Go over each line of the entries below, count those with "project", and give only the count.

_ _ _

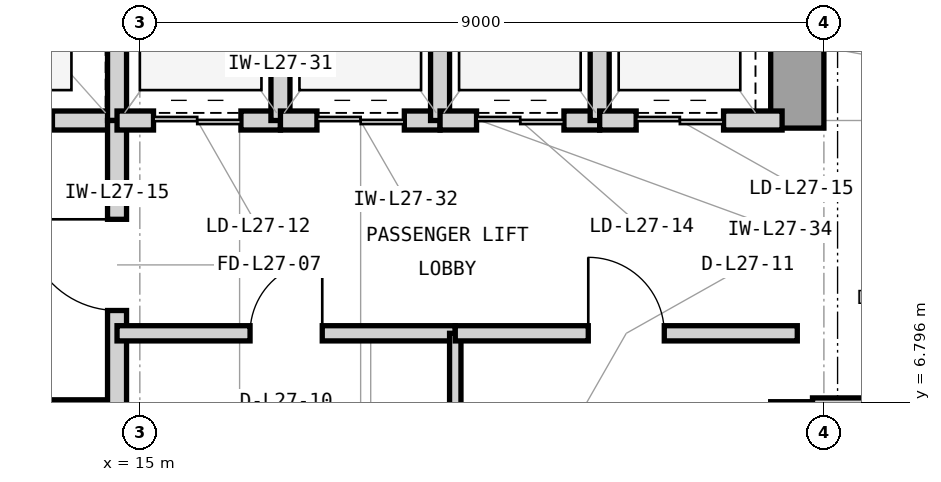
"""IFC4 building model, lengths in metres.
Left out: names, types, materials, properties, quantities, classifications, styles, units other than length and angle.
Written with IfcOpenShell. Run it as: python <this file> out.ifc"""

import sys

from ifc_helpers import new_model, si_unit, direction, frame, frame_2d, origin, place, context, subcontext, project, spatial, rectangle, extrude, element, fill, save


model = new_model("IFC4")
c1 = context("Model", 3, precision=1e-05, world=origin(), true_north=direction((0.0, 1.0)))
c2 = subcontext(c1, "Body", "Model", "MODEL_VIEW")
j1 = project(units=[si_unit("LENGTHUNIT", "METRE"), si_unit("PLANEANGLEUNIT", "RADIAN")], contexts=[c1])
p1 = place(None, origin())
s1 = spatial("IfcSite", under=j1, at=p1, CompositionType="ELEMENT")
p2 = place(p1, origin())
s2 = spatial("IfcBuilding", under=s1, at=p2, CompositionType="ELEMENT")
p3 = place(p2, frame((0.0, 0.0, 116.7)))
s3 = spatial("IfcBuildingStorey", under=s2, at=p3, CompositionType="ELEMENT", Elevation=116.7)
p4 = place(p3, frame((23.65, 10.4, 0.0), z_axis=(0.0, 0.0, 1.0), x_axis=(0.0, 1.0, 0.0)))
e1 = element("IfcWall", 1, at=p4, inside=s3, PredefinedType="SHEAR", context=c2, shape_type="SweptSolid", body=[
    extrude(rectangle(XDim=3.2, YDim=0.7, at=frame_2d((1.6, 0.0))), origin(), (0.0, 0.0, 1.0), 3.9),
])
p5 = place(p3, frame((11.82, 6.7, 0.0), z_axis=(0.0, 0.0, 1.0), x_axis=(1.0, 0.0, 0.0)))
e2 = element("IfcWall", 2, at=p5, inside=s3, PredefinedType="PARTITIONING", context=c2, shape_type="SweptSolid", body=[
    extrude(rectangle(XDim=2.88, YDim=0.25, at=frame_2d((1.44, 0.0))), origin(), (0.0, 0.0, 1.0), 3.227),
])
p6 = place(p5, frame((0.85, 0.0, 0.0)))
e3 = element("IfcOpeningElement", 3, at=p6, cuts=e2, PredefinedType="OPENING", context=c2, shape_type="SweptSolid", body=[
    extrude(rectangle(XDim=1.1, YDim=2.25, at=frame_2d((0.55, 1.125))), frame((0.0, 0.135, 0.0), z_axis=(0.0, -1.0, 0.0), x_axis=(1.0, 0.0, 0.0)), (0.0, 0.0, 1.0), 0.27),
])
p7 = place(p3, frame((11.95, 10.5, 0.0), z_axis=(0.0, 0.0, 1.0), x_axis=(1.0, 0.0, 0.0)))
e4 = element("IfcWall", 4, at=p7, inside=s3, PredefinedType="PARTITIONING", context=c2, shape_type="SweptSolid", body=[
    extrude(rectangle(XDim=2.75, YDim=0.25, at=frame_2d((1.375, 0.0))), origin(), (0.0, 0.0, 1.0), 3.227),
])
p8 = place(p7, frame((0.8, 0.0, 0.0)))
e5 = element("IfcOpeningElement", 5, at=p8, cuts=e4, PredefinedType="OPENING", context=c2, shape_type="SweptSolid", body=[
    extrude(rectangle(XDim=1.1, YDim=2.25, at=frame_2d((0.55, 1.125))), frame((0.0, 0.135, 0.0), z_axis=(0.0, -1.0, 0.0), x_axis=(1.0, 0.0, 0.0)), (0.0, 0.0, 1.0), 0.27),
])
p9 = place(p3, frame((14.7, 10.5, 0.0), z_axis=(0.0, 0.0, 1.0), x_axis=(0.0, 1.0, 0.0)))
e6 = element("IfcWall", 6, at=p9, inside=s3, PredefinedType="PARTITIONING", context=c2, shape_type="SweptSolid", body=[
    extrude(rectangle(XDim=3.0, YDim=0.25, at=frame_2d((1.5, 0.0))), origin(), (0.0, 0.0, 1.0), 3.69),
])
p10 = place(p3, frame((14.7, 6.7, 0.0), z_axis=(0.0, 0.0, 1.0), x_axis=(0.0, 1.0, 0.0)))
e7 = element("IfcWall", 7, at=p10, inside=s3, PredefinedType="PARTITIONING", context=c2, shape_type="SweptSolid", body=[
    extrude(rectangle(XDim=3.8, YDim=0.25, at=frame_2d((1.9, 0.0))), origin(), (0.0, 0.0, 1.0), 3.69),
])
p11 = place(p10, frame((1.3, 0.0, 0.0)))
e8 = element("IfcOpeningElement", 8, at=p11, cuts=e7, PredefinedType="OPENING", context=c2, shape_type="SweptSolid", body=[
    extrude(rectangle(XDim=1.2, YDim=2.2, at=frame_2d((0.6, 1.1))), frame((0.0, 0.135, 0.0), z_axis=(0.0, -1.0, 0.0), x_axis=(1.0, 0.0, 0.0)), (0.0, 0.0, 1.0), 0.27),
])
p12 = place(p3, frame((14.7, 7.7, 0.0), z_axis=(0.0, 0.0, 1.0), x_axis=(1.0, 0.0, 0.0)))
e9 = element("IfcWall", 9, at=p12, inside=s3, PredefinedType="PARTITIONING", context=c2, shape_type="SweptSolid", body=[
    extrude(rectangle(XDim=4.45, YDim=0.2, at=frame_2d((2.225, 0.0))), origin(), (0.0, 0.0, 1.0), 3.69),
])
p13 = place(p12, frame((1.75, 0.0, 0.0)))
e10 = element("IfcOpeningElement", 10, at=p13, cuts=e9, PredefinedType="OPENING", context=c2, shape_type="SweptSolid", body=[
    extrude(rectangle(XDim=0.95, YDim=2.1, at=frame_2d((0.475, 1.05))), frame((0.0, 0.11, 0.0), z_axis=(0.0, -1.0, 0.0), x_axis=(1.0, 0.0, 0.0)), (0.0, 0.0, 1.0), 0.22),
])
p14 = place(p3, frame((19.15, 3.35, 0.0), z_axis=(0.0, 0.0, 1.0), x_axis=(0.0, 1.0, 0.0)))
e11 = element("IfcWall", 11, at=p14, inside=s3, PredefinedType="PARTITIONING", context=c2, shape_type="SweptSolid", body=[
    extrude(rectangle(XDim=4.35, YDim=0.15, at=frame_2d((2.175, 0.0))), origin(), (0.0, 0.0, 1.0), 3.69),
])
p15 = place(p3, frame((19.15, 7.7, 0.0), z_axis=(0.0, 0.0, 1.0), x_axis=(1.0, 0.0, 0.0)))
e12 = element("IfcWall", 12, at=p15, inside=s3, PredefinedType="PARTITIONING", context=c2, shape_type="SweptSolid", body=[
    extrude(rectangle(XDim=4.5, YDim=0.2, at=frame_2d((2.25, 0.0))), origin(), (0.0, 0.0, 1.0), 3.69),
])
p16 = place(p15, frame((1.75, 0.0, 0.0)))
e13 = element("IfcOpeningElement", 13, at=p16, cuts=e12, PredefinedType="OPENING", context=c2, shape_type="SweptSolid", body=[
    extrude(rectangle(XDim=1.0, YDim=2.15, at=frame_2d((0.5, 1.075))), frame((0.0, 0.11, 0.0), z_axis=(0.0, -1.0, 0.0), x_axis=(1.0, 0.0, 0.0)), (0.0, 0.0, 1.0), 0.22),
])
p17 = place(p3, frame((14.7, 10.5, 0.0), z_axis=(0.0, 0.0, 1.0), x_axis=(1.0, 0.0, 0.0)))
e14 = element("IfcWall", 14, at=p17, inside=s3, PredefinedType="PARTITIONING", context=c2, shape_type="SweptSolid", body=[
    extrude(rectangle(XDim=2.15, YDim=0.25, at=frame_2d((1.075, 0.0))), origin(), (0.0, 0.0, 1.0), 3.227),
])
p18 = place(p17, frame((0.48, 0.0, 0.0)))
e15 = element("IfcOpeningElement", 15, at=p18, cuts=e14, PredefinedType="OPENING", context=c2, shape_type="SweptSolid", body=[
    extrude(rectangle(XDim=1.15, YDim=2.25, at=frame_2d((0.575, 1.125))), frame((0.0, 0.135, 0.0), z_axis=(0.0, -1.0, 0.0), x_axis=(1.0, 0.0, 0.0)), (0.0, 0.0, 1.0), 0.27),
])
p19 = place(p3, frame((16.85, 10.5, 0.0), z_axis=(0.0, 0.0, 1.0), x_axis=(0.0, 1.0, 0.0)))
e16 = element("IfcWall", 16, at=p19, inside=s3, PredefinedType="PARTITIONING", context=c2, shape_type="SweptSolid", body=[
    extrude(rectangle(XDim=3.0, YDim=0.25, at=frame_2d((1.5, 0.0))), origin(), (0.0, 0.0, 1.0), 3.69),
])
p20 = place(p3, frame((16.85, 10.5, 0.0), z_axis=(0.0, 0.0, 1.0), x_axis=(1.0, 0.0, 0.0)))
e17 = element("IfcWall", 17, at=p20, inside=s3, PredefinedType="PARTITIONING", context=c2, shape_type="SweptSolid", body=[
    extrude(rectangle(XDim=2.1, YDim=0.25, at=frame_2d((1.05, 0.0))), origin(), (0.0, 0.0, 1.0), 3.227),
])
p21 = place(p20, frame((0.48, 0.0, 0.0)))
e18 = element("IfcOpeningElement", 18, at=p21, cuts=e17, PredefinedType="OPENING", context=c2, shape_type="SweptSolid", body=[
    extrude(rectangle(XDim=1.15, YDim=2.25, at=frame_2d((0.575, 1.125))), frame((0.0, 0.135, 0.0), z_axis=(0.0, -1.0, 0.0), x_axis=(1.0, 0.0, 0.0)), (0.0, 0.0, 1.0), 0.27),
])
p22 = place(p3, frame((18.95, 10.5, 0.0), z_axis=(0.0, 0.0, 1.0), x_axis=(0.0, 1.0, 0.0)))
e19 = element("IfcWall", 19, at=p22, inside=s3, PredefinedType="PARTITIONING", context=c2, shape_type="SweptSolid", body=[
    extrude(rectangle(XDim=3.0, YDim=0.25, at=frame_2d((1.5, 0.0))), origin(), (0.0, 0.0, 1.0), 3.69),
])
p23 = place(p3, frame((18.95, 10.5, 0.0), z_axis=(0.0, 0.0, 1.0), x_axis=(1.0, 0.0, 0.0)))
e20 = element("IfcWall", 20, at=p23, inside=s3, PredefinedType="PARTITIONING", context=c2, shape_type="SweptSolid", body=[
    extrude(rectangle(XDim=2.1, YDim=0.25, at=frame_2d((1.05, 0.0))), origin(), (0.0, 0.0, 1.0), 3.227),
])
p24 = place(p23, frame((0.48, 0.0, 0.0)))
e21 = element("IfcOpeningElement", 21, at=p24, cuts=e20, PredefinedType="OPENING", context=c2, shape_type="SweptSolid", body=[
    extrude(rectangle(XDim=1.15, YDim=2.25, at=frame_2d((0.575, 1.125))), frame((0.0, 0.135, 0.0), z_axis=(0.0, -1.0, 0.0), x_axis=(1.0, 0.0, 0.0)), (0.0, 0.0, 1.0), 0.27),
])
p25 = place(p3, frame((21.05, 10.5, 0.0), z_axis=(0.0, 0.0, 1.0), x_axis=(0.0, 1.0, 0.0)))
e22 = element("IfcWall", 22, at=p25, inside=s3, PredefinedType="PARTITIONING", context=c2, shape_type="SweptSolid", body=[
    extrude(rectangle(XDim=3.0, YDim=0.25, at=frame_2d((1.5, 0.0))), origin(), (0.0, 0.0, 1.0), 3.69),
])
p26 = place(p3, frame((21.05, 10.5, 0.0), z_axis=(0.0, 0.0, 1.0), x_axis=(1.0, 0.0, 0.0)))
e23 = element("IfcWall", 23, at=p26, inside=s3, PredefinedType="PARTITIONING", context=c2, shape_type="SweptSolid", body=[
    extrude(rectangle(XDim=2.4, YDim=0.25, at=frame_2d((1.2, 0.0))), origin(), (0.0, 0.0, 1.0), 3.227),
])
p27 = place(p26, frame((0.48, 0.0, 0.0)))
e24 = element("IfcOpeningElement", 24, at=p27, cuts=e23, PredefinedType="OPENING", context=c2, shape_type="SweptSolid", body=[
    extrude(rectangle(XDim=1.15, YDim=2.25, at=frame_2d((0.575, 1.125))), frame((0.0, 0.135, 0.0), z_axis=(0.0, -1.0, 0.0), x_axis=(1.0, 0.0, 0.0)), (0.0, 0.0, 1.0), 0.27),
])
p28 = place(p3, frame((23.85, 6.75, 0.0), z_axis=(0.0, 0.0, 1.0), x_axis=(1.0, 0.0, 0.0)))
e25 = element("IfcWall", 25, at=p28, inside=s3, PredefinedType="PARTITIONING", context=c2, shape_type="SweptSolid", body=[
    extrude(rectangle(XDim=2.85, YDim=0.2, at=frame_2d((1.425, 0.0))), origin(), (0.0, 0.0, 1.0), 3.69),
])
p29 = place(p28, frame((0.7, 0.0, 0.0)))
e26 = element("IfcOpeningElement", 26, at=p29, cuts=e25, PredefinedType="OPENING", context=c2, shape_type="SweptSolid", body=[
    extrude(rectangle(XDim=1.0, YDim=2.15, at=frame_2d((0.5, 1.075))), frame((0.0, 0.11, 0.0), z_axis=(0.0, -1.0, 0.0), x_axis=(1.0, 0.0, 0.0)), (0.0, 0.0, 1.0), 0.22),
])
p30 = place(p11, origin())
e27 = element("IfcDoor", 27, at=p30, inside=s3, OperationType="SINGLE_SWING_RIGHT", PredefinedType="DOOR", context=c2, shape_type="SweptSolid", body=[
    extrude(rectangle(XDim=1.2, YDim=2.2, at=frame_2d((0.6, 1.1))), frame((0.0, 0.025, 0.0), z_axis=(0.0, -1.0, 0.0), x_axis=(1.0, 0.0, 0.0)), (0.0, 0.0, 1.0), 0.05),
])
fill(e8, e27)
p31 = place(p13, origin())
e28 = element("IfcDoor", 28, at=p31, inside=s3, OperationType="SINGLE_SWING_RIGHT", PredefinedType="DOOR", context=c2, shape_type="SweptSolid", body=[
    extrude(rectangle(XDim=0.95, YDim=2.1, at=frame_2d((0.475, 1.05))), frame((0.0, 0.025, 0.0), z_axis=(0.0, -1.0, 0.0), x_axis=(1.0, 0.0, 0.0)), (0.0, 0.0, 1.0), 0.05),
])
fill(e10, e28)
p32 = place(p16, origin())
e29 = element("IfcDoor", 29, at=p32, inside=s3, OperationType="SINGLE_SWING_LEFT", PredefinedType="DOOR", context=c2, shape_type="SweptSolid", body=[
    extrude(rectangle(XDim=1.0, YDim=2.15, at=frame_2d((0.5, 1.075))), frame((0.0, 0.025, 0.0), z_axis=(0.0, -1.0, 0.0), x_axis=(1.0, 0.0, 0.0)), (0.0, 0.0, 1.0), 0.05),
])
fill(e13, e29)
p33 = place(p18, origin())
e30 = element("IfcDoor", 30, at=p33, inside=s3, OperationType="DOUBLE_DOOR_SLIDING", PredefinedType="DOOR", context=c2, shape_type="SweptSolid", body=[
    extrude(rectangle(XDim=1.15, YDim=2.25, at=frame_2d((0.575, 1.125))), frame((0.0, 0.025, 0.0), z_axis=(0.0, -1.0, 0.0), x_axis=(1.0, 0.0, 0.0)), (0.0, 0.0, 1.0), 0.05),
])
fill(e15, e30)
p34 = place(p21, origin())
e31 = element("IfcDoor", 31, at=p34, inside=s3, OperationType="DOUBLE_DOOR_SLIDING", PredefinedType="DOOR", context=c2, shape_type="SweptSolid", body=[
    extrude(rectangle(XDim=1.15, YDim=2.25, at=frame_2d((0.575, 1.125))), frame((0.0, 0.025, 0.0), z_axis=(0.0, -1.0, 0.0), x_axis=(1.0, 0.0, 0.0)), (0.0, 0.0, 1.0), 0.05),
])
fill(e18, e31)
p35 = place(p24, origin())
e32 = element("IfcDoor", 32, at=p35, inside=s3, OperationType="DOUBLE_DOOR_SLIDING", PredefinedType="DOOR", context=c2, shape_type="SweptSolid", body=[
    extrude(rectangle(XDim=1.15, YDim=2.25, at=frame_2d((0.575, 1.125))), frame((0.0, 0.025, 0.0), z_axis=(0.0, -1.0, 0.0), x_axis=(1.0, 0.0, 0.0)), (0.0, 0.0, 1.0), 0.05),
])
fill(e21, e32)
p36 = place(p27, origin())
e33 = element("IfcDoor", 33, at=p36, inside=s3, OperationType="DOUBLE_DOOR_SLIDING", PredefinedType="DOOR", context=c2, shape_type="SweptSolid", body=[
    extrude(rectangle(XDim=1.15, YDim=2.25, at=frame_2d((0.575, 1.125))), frame((0.0, 0.025, 0.0), z_axis=(0.0, -1.0, 0.0), x_axis=(1.0, 0.0, 0.0)), (0.0, 0.0, 1.0), 0.05),
])
fill(e24, e33)
save(model, sys.argv[1])

_ _ _

Solution to this task
2